What is required :: Search the records below for "where" and copy every line it turns up in.

════════

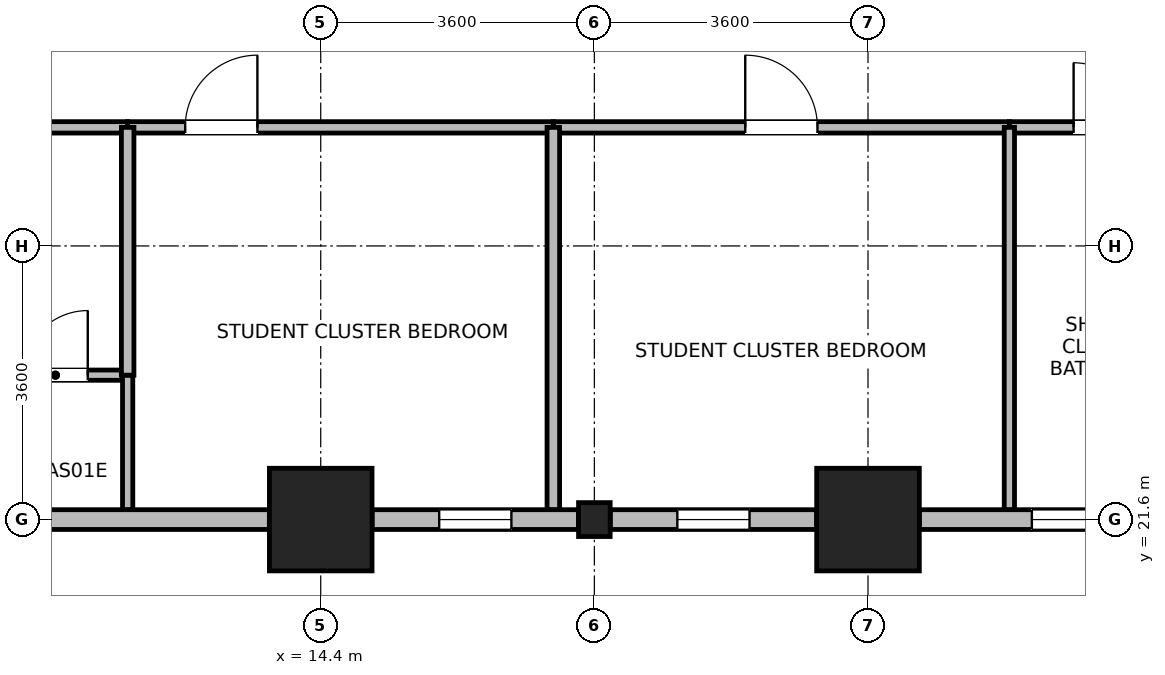
"""IFC4 building model, lengths in metres.
Left out: names, types, materials, properties, quantities, classifications, styles, units other than length and angle.
Written with IfcOpenShell. Run it as: python <this file> out.ifc"""

import sys

from ifc_helpers import new_model, si_unit, direction, frame, frame_2d, origin, origin_2d, place, context, subcontext, project, spatial, rectangle, i_section, extrude, source, transform, mapped, element, fill, save


model = new_model("IFC4")
c1 = context("Model", 3, precision=1e-05, world=origin(), true_north=direction((0.0, 1.0)))
c2 = subcontext(c1, "Body", "Model", "MODEL_VIEW")
j1 = project(units=[si_unit("LENGTHUNIT", "METRE"), si_unit("PLANEANGLEUNIT", "RADIAN")], contexts=[c1])
p1 = place(None, origin())
s1 = spatial("IfcSite", under=j1, at=p1, CompositionType="ELEMENT")
p2 = place(p1, origin())
s2 = spatial("IfcBuilding", under=s1, at=p2, CompositionType="ELEMENT")
p3 = place(p2, frame((0.0, 0.0, 62.3)))
s3 = spatial("IfcBuildingStorey", under=s2, at=p3, CompositionType="ELEMENT", Elevation=62.3)
m1 = source(origin(), c2, "Body", "SweptSolid", [
    extrude(rectangle(XDim=1.35, YDim=1.35, at=origin_2d()), origin(), (0.0, 0.0, 1.0), 3.7),
])
for number, where, z_axis, x_axis in (
    (1, (14.4, 21.6, 0.0), (0.0, 0.0, 1.0), (1.0, 0.0, 0.0)),
    (2, (21.6, 21.6, 0.0), (0.0, 0.0, 1.0), (1.0, 0.0, 0.0)),
):
    element("IfcColumn", number, at=place(p3, frame(where, z_axis=z_axis, x_axis=x_axis)), inside=s3, PredefinedType="COLUMN", context=c2, shape_type="MappedRepresentation", body=[
        mapped(m1, transform((0.0, 0.0, 0.0), x_axis=(1.0, 0.0, 0.0), y_axis=(0.0, 1.0, 0.0), z_axis=(0.0, 0.0, 1.0), scale=1.0)),
    ])
m2 = source(origin(), c2, "Body", "SweptSolid", [
    extrude(i_section(OverallWidth=0.416, OverallDepth=0.446, WebThickness=0.029, FlangeThickness=0.04, FilletRadius=0.015, at=origin_2d()), origin(), (0.0, 0.0, 1.0), 3.7),
])
p4 = place(p3, frame((18.0, 21.6, 0.0), z_axis=(0.0, 0.0, 1.0), x_axis=(1.0, 0.0, 0.0)))
e3 = element("IfcColumn", 3, at=p4, inside=s3, PredefinedType="COLUMN", context=c2, shape_type="MappedRepresentation", body=[
    mapped(m2, transform((0.0, 0.0, 0.0), x_axis=(1.0, 0.0, 0.0), y_axis=(0.0, 1.0, 0.0), z_axis=(0.0, 0.0, 1.0), scale=1.0)),
])
p5 = place(p3, frame((13.724, 21.6, 0.0), z_axis=(0.0, 0.0, 1.0), x_axis=(-1.0, 0.0, 0.0)))
e4 = element("IfcWall", 4, at=p5, inside=s3, PredefinedType="STANDARD", context=c2, shape_type="SweptSolid", body=[
    extrude(rectangle(XDim=10.087, YDim=0.26, at=frame_2d((5.043, 0.0))), origin(), (0.0, 0.0, 1.0), 3.43),
])
p6 = place(p5, frame((4.293, 0.0, 0.85)))
e5 = element("IfcOpeningElement", 5, at=p6, cuts=e4, PredefinedType="OPENING", context=c2, shape_type="SweptSolid", body=[
    extrude(rectangle(XDim=1.5, YDim=1.85, at=frame_2d((0.75, 0.925))), frame((0.0, 0.14, 0.0), z_axis=(0.0, -1.0, 0.0), x_axis=(1.0, 0.0, 0.0)), (0.0, 0.0, 1.0), 0.28),
])
p7 = place(p5, frame((7.656, 0.0, 0.85)))
e6 = element("IfcOpeningElement", 6, at=p7, cuts=e4, PredefinedType="OPENING", context=c2, shape_type="SweptSolid", body=[
    extrude(rectangle(XDim=1.5, YDim=1.85, at=frame_2d((0.75, 0.925))), frame((0.0, 0.14, 0.0), z_axis=(0.0, -1.0, 0.0), x_axis=(1.0, 0.0, 0.0)), (0.0, 0.0, 1.0), 0.28),
])
p8 = place(p3, frame((17.791, 21.6, 0.0), z_axis=(0.0, 0.0, 1.0), x_axis=(-1.0, 0.0, 0.0)))
e7 = element("IfcWall", 7, at=p8, inside=s3, PredefinedType="STANDARD", context=c2, shape_type="SweptSolid", body=[
    extrude(rectangle(XDim=2.715, YDim=0.26, at=frame_2d((1.357, 0.0))), origin(), (0.0, 0.0, 1.0), 2.93),
])
p9 = place(p8, frame((0.883, 0.0, 0.85)))
e8 = element("IfcOpeningElement", 8, at=p9, cuts=e7, PredefinedType="OPENING", context=c2, shape_type="SweptSolid", body=[
    extrude(rectangle(XDim=0.95, YDim=1.75, at=frame_2d((0.475, 0.875))), frame((0.0, 0.14, 0.0), z_axis=(0.0, -1.0, 0.0), x_axis=(1.0, 0.0, 0.0)), (0.0, 0.0, 1.0), 0.28),
])
p10 = place(p3, frame((20.924, 21.6, 0.0), z_axis=(0.0, 0.0, 1.0), x_axis=(-1.0, 0.0, 0.0)))
e9 = element("IfcWall", 9, at=p10, inside=s3, PredefinedType="STANDARD", context=c2, shape_type="SweptSolid", body=[
    extrude(rectangle(XDim=2.715, YDim=0.26, at=frame_2d((1.357, 0.0))), origin(), (0.0, 0.0, 1.0), 2.93),
])
p11 = place(p10, frame((0.883, 0.0, 0.85)))
e10 = element("IfcOpeningElement", 10, at=p11, cuts=e9, PredefinedType="OPENING", context=c2, shape_type="SweptSolid", body=[
    extrude(rectangle(XDim=0.95, YDim=1.75, at=frame_2d((0.475, 0.875))), frame((0.0, 0.14, 0.0), z_axis=(0.0, -1.0, 0.0), x_axis=(1.0, 0.0, 0.0)), (0.0, 0.0, 1.0), 0.28),
])
p12 = place(p3, frame((24.991, 21.6, 0.0), z_axis=(0.0, 0.0, 1.0), x_axis=(-1.0, 0.0, 0.0)))
e11 = element("IfcWall", 11, at=p12, inside=s3, PredefinedType="STANDARD", context=c2, shape_type="SweptSolid", body=[
    extrude(rectangle(XDim=2.715, YDim=0.26, at=frame_2d((1.357, 0.0))), origin(), (0.0, 0.0, 1.0), 2.93),
])
p13 = place(p12, frame((0.285, 0.0, 0.85)))
e12 = element("IfcOpeningElement", 12, at=p13, cuts=e11, PredefinedType="OPENING", context=c2, shape_type="SweptSolid", body=[
    extrude(rectangle(XDim=0.95, YDim=1.75, at=frame_2d((0.475, 0.875))), frame((0.0, 0.14, 0.0), z_axis=(0.0, -1.0, 0.0), x_axis=(1.0, 0.0, 0.0)), (0.0, 0.0, 1.0), 0.28),
])
p14 = place(p3, frame((9.96, 23.5, 0.0), z_axis=(0.0, 0.0, 1.0), x_axis=(1.0, 0.0, 0.0)))
e13 = element("IfcWall", 13, at=p14, inside=s3, PredefinedType="PARTITIONING", context=c2, shape_type="SweptSolid", body=[
    extrude(rectangle(XDim=1.9, YDim=0.135, at=frame_2d((0.95, 0.0))), origin(), (0.0, 0.0, 1.0), 3.43),
])
p15 = place(p14, frame((0.525, 0.0, 0.0)))
e14 = element("IfcOpeningElement", 14, at=p15, cuts=e13, PredefinedType="OPENING", context=c2, shape_type="SweptSolid", body=[
    extrude(rectangle(XDim=0.85, YDim=2.04, at=frame_2d((0.425, 1.02))), frame((0.0, 0.078, 0.0), z_axis=(0.0, -1.0, 0.0), x_axis=(1.0, 0.0, 0.0)), (0.0, 0.0, 1.0), 0.155),
])
p16 = place(p3, frame((11.86, 21.732, 0.0), z_axis=(0.0, 0.0, 1.0), x_axis=(0.0, 1.0, 0.0)))
e15 = element("IfcWall", 15, at=p16, inside=s3, PredefinedType="PARTITIONING", context=c2, shape_type="SweptSolid", body=[
    extrude(rectangle(XDim=1.768, YDim=0.135, at=frame_2d((0.884, 0.0))), origin(), (0.0, 0.0, 1.0), 3.43),
])
p17 = place(p3, frame((3.62, 26.76, 0.0), z_axis=(0.0, 0.0, 1.0), x_axis=(1.0, 0.0, 0.0)))
e16 = element("IfcWall", 16, at=p17, inside=s3, PredefinedType="PARTITIONING", context=c2, shape_type="SweptSolid", body=[
    extrude(rectangle(XDim=8.24, YDim=0.15, at=frame_2d((4.12, 0.0))), origin(), (0.0, 0.0, 1.0), 3.43),
])
p18 = place(p17, frame((4.469, 0.0, 0.0)))
e17 = element("IfcOpeningElement", 17, at=p18, cuts=e16, PredefinedType="OPENING", context=c2, shape_type="SweptSolid", body=[
    extrude(rectangle(XDim=0.95, YDim=2.1, at=frame_2d((0.475, 1.05))), frame((0.0, 0.085, 0.0), z_axis=(0.0, -1.0, 0.0), x_axis=(1.0, 0.0, 0.0)), (0.0, 0.0, 1.0), 0.17),
])
p19 = place(p3, frame((17.46, 26.76, 0.0), z_axis=(0.0, 0.0, 1.0), x_axis=(1.0, 0.0, 0.0)))
e18 = element("IfcWall", 18, at=p19, inside=s3, PredefinedType="PARTITIONING", context=c2, shape_type="SweptSolid", body=[
    extrude(rectangle(XDim=6.0, YDim=0.15, at=frame_2d((3.0, 0.0))), origin(), (0.0, 0.0, 1.0), 3.43),
])
p20 = place(p19, frame((2.525, 0.0, 0.0)))
e19 = element("IfcOpeningElement", 19, at=p20, cuts=e18, PredefinedType="OPENING", context=c2, shape_type="SweptSolid", body=[
    extrude(rectangle(XDim=0.95, YDim=2.1, at=frame_2d((0.475, 1.05))), frame((0.0, 0.085, 0.0), z_axis=(0.0, -1.0, 0.0), x_axis=(1.0, 0.0, 0.0)), (0.0, 0.0, 1.0), 0.17),
])
p21 = place(p3, frame((11.86, 26.76, 0.0), z_axis=(0.0, 0.0, 1.0), x_axis=(1.0, 0.0, 0.0)))
e20 = element("IfcWall", 20, at=p21, inside=s3, PredefinedType="PARTITIONING", context=c2, shape_type="SweptSolid", body=[
    extrude(rectangle(XDim=5.6, YDim=0.15, at=frame_2d((2.8, 0.0))), origin(), (0.0, 0.0, 1.0), 3.43),
])
p22 = place(p21, frame((0.757, 0.0, 0.0)))
e21 = element("IfcOpeningElement", 21, at=p22, cuts=e20, PredefinedType="OPENING", context=c2, shape_type="SweptSolid", body=[
    extrude(rectangle(XDim=0.95, YDim=2.1, at=frame_2d((0.475, 1.05))), frame((0.0, 0.085, 0.0), z_axis=(0.0, -1.0, 0.0), x_axis=(1.0, 0.0, 0.0)), (0.0, 0.0, 1.0), 0.17),
])
p23 = place(p3, frame((23.46, 26.76, 0.0), z_axis=(0.0, 0.0, 1.0), x_axis=(1.0, 0.0, 0.0)))
e22 = element("IfcWall", 22, at=p23, inside=s3, PredefinedType="PARTITIONING", context=c2, shape_type="SweptSolid", body=[
    extrude(rectangle(XDim=2.54, YDim=0.15, at=frame_2d((1.27, 0.0))), origin(), (0.0, 0.0, 1.0), 3.43),
])
p24 = place(p23, frame((0.845, 0.0, 0.0)))
e23 = element("IfcOpeningElement", 23, at=p24, cuts=e22, PredefinedType="OPENING", context=c2, shape_type="SweptSolid", body=[
    extrude(rectangle(XDim=0.85, YDim=2.04, at=frame_2d((0.425, 1.02))), frame((0.0, 0.085, 0.0), z_axis=(0.0, -1.0, 0.0), x_axis=(1.0, 0.0, 0.0)), (0.0, 0.0, 1.0), 0.17),
])
p25 = place(p3, frame((17.46, 21.732, 0.0), z_axis=(0.0, 0.0, 1.0), x_axis=(0.0, 1.0, 0.0)))
e24 = element("IfcWall", 24, at=p25, inside=s3, PredefinedType="PARTITIONING", context=c2, shape_type="SweptSolid", body=[
    extrude(rectangle(XDim=5.028, YDim=0.165, at=frame_2d((2.514, 0.0))), origin(), (0.0, 0.0, 1.0), 3.43),
])
p26 = place(p3, frame((23.46, 21.732, 0.0), z_axis=(0.0, 0.0, 1.0), x_axis=(0.0, 1.0, 0.0)))
e25 = element("IfcWall", 25, at=p26, inside=s3, PredefinedType="PARTITIONING", context=c2, shape_type="SweptSolid", body=[
    extrude(rectangle(XDim=5.028, YDim=0.135, at=frame_2d((2.514, 0.0))), origin(), (0.0, 0.0, 1.0), 3.43),
])
p27 = place(p3, frame((11.86, 23.5, 0.0), z_axis=(0.0, 0.0, 1.0), x_axis=(0.0, 1.0, 0.0)))
e26 = element("IfcWall", 26, at=p27, inside=s3, PredefinedType="PARTITIONING", context=c2, shape_type="SweptSolid", body=[
    extrude(rectangle(XDim=3.26, YDim=0.165, at=frame_2d((1.63, 0.0))), origin(), (0.0, 0.0, 1.0), 3.43),
])
p28 = place(p9, origin())
e27 = element("IfcWindow", 27, at=p28, inside=s3, PartitioningType="SINGLE_PANEL", PredefinedType="WINDOW", context=c2, shape_type="SweptSolid", body=[
    extrude(rectangle(XDim=0.95, YDim=1.75, at=frame_2d((0.475, 0.875))), frame((0.0, 0.03, 0.0), z_axis=(0.0, -1.0, 0.0), x_axis=(1.0, 0.0, 0.0)), (0.0, 0.0, 1.0), 0.06),
])
fill(e8, e27)
p29 = place(p11, origin())
e28 = element("IfcWindow", 28, at=p29, inside=s3, PartitioningType="SINGLE_PANEL", PredefinedType="WINDOW", context=c2, shape_type="SweptSolid", body=[
    extrude(rectangle(XDim=0.95, YDim=1.75, at=frame_2d((0.475, 0.875))), frame((0.0, 0.03, 0.0), z_axis=(0.0, -1.0, 0.0), x_axis=(1.0, 0.0, 0.0)), (0.0, 0.0, 1.0), 0.06),
])
fill(e10, e28)
p30 = place(p13, origin())
e29 = element("IfcWindow", 29, at=p30, inside=s3, PartitioningType="SINGLE_PANEL", PredefinedType="WINDOW", context=c2, shape_type="SweptSolid", body=[
    extrude(rectangle(XDim=0.95, YDim=1.75, at=frame_2d((0.475, 0.875))), frame((0.0, 0.03, 0.0), z_axis=(0.0, -1.0, 0.0), x_axis=(1.0, 0.0, 0.0)), (0.0, 0.0, 1.0), 0.06),
])
fill(e12, e29)
p31 = place(p15, origin())
e30 = element("IfcDoor", 30, at=p31, inside=s3, OperationType="SINGLE_SWING_RIGHT", PredefinedType="DOOR", context=c2, shape_type="SweptSolid", body=[
    extrude(rectangle(XDim=0.85, YDim=2.04, at=frame_2d((0.425, 1.02))), frame((0.0, 0.025, 0.0), z_axis=(0.0, -1.0, 0.0), x_axis=(1.0, 0.0, 0.0)), (0.0, 0.0, 1.0), 0.05),
])
fill(e14, e30)
p32 = place(p20, origin())
e31 = element("IfcDoor", 31, at=p32, inside=s3, OperationType="SINGLE_SWING_LEFT", PredefinedType="DOOR", context=c2, shape_type="SweptSolid", body=[
    extrude(rectangle(XDim=0.95, YDim=2.1, at=frame_2d((0.475, 1.05))), frame((0.0, 0.025, 0.0), z_axis=(0.0, -1.0, 0.0), x_axis=(1.0, 0.0, 0.0)), (0.0, 0.0, 1.0), 0.05),
])
fill(e19, e31)
p33 = place(p22, origin())
e32 = element("IfcDoor", 32, at=p33, inside=s3, OperationType="SINGLE_SWING_RIGHT", PredefinedType="DOOR", context=c2, shape_type="SweptSolid", body=[
    extrude(rectangle(XDim=0.95, YDim=2.1, at=frame_2d((0.475, 1.05))), frame((0.0, 0.025, 0.0), z_axis=(0.0, -1.0, 0.0), x_axis=(1.0, 0.0, 0.0)), (0.0, 0.0, 1.0), 0.05),
])
fill(e21, e32)
p34 = place(p24, origin())
e33 = element("IfcDoor", 33, at=p34, inside=s3, OperationType="SINGLE_SWING_LEFT", PredefinedType="DOOR", context=c2, shape_type="SweptSolid", body=[
    extrude(rectangle(XDim=0.85, YDim=2.04, at=frame_2d((0.425, 1.02))), frame((0.0, 0.025, 0.0), z_axis=(0.0, -1.0, 0.0), x_axis=(1.0, 0.0, 0.0)), (0.0, 0.0, 1.0), 0.05),
])
fill(e23, e33)
save(model, sys.argv[1])

════════

Answer for this exercise ::
for number, where, z_axis, x_axis in (
    element("IfcColumn", number, at=place(p3, frame(where, z_axis=z_axis, x_axis=x_axis)), inside=s3, PredefinedType="COLUMN", context=c2, shape_type="MappedRepresentation", body=[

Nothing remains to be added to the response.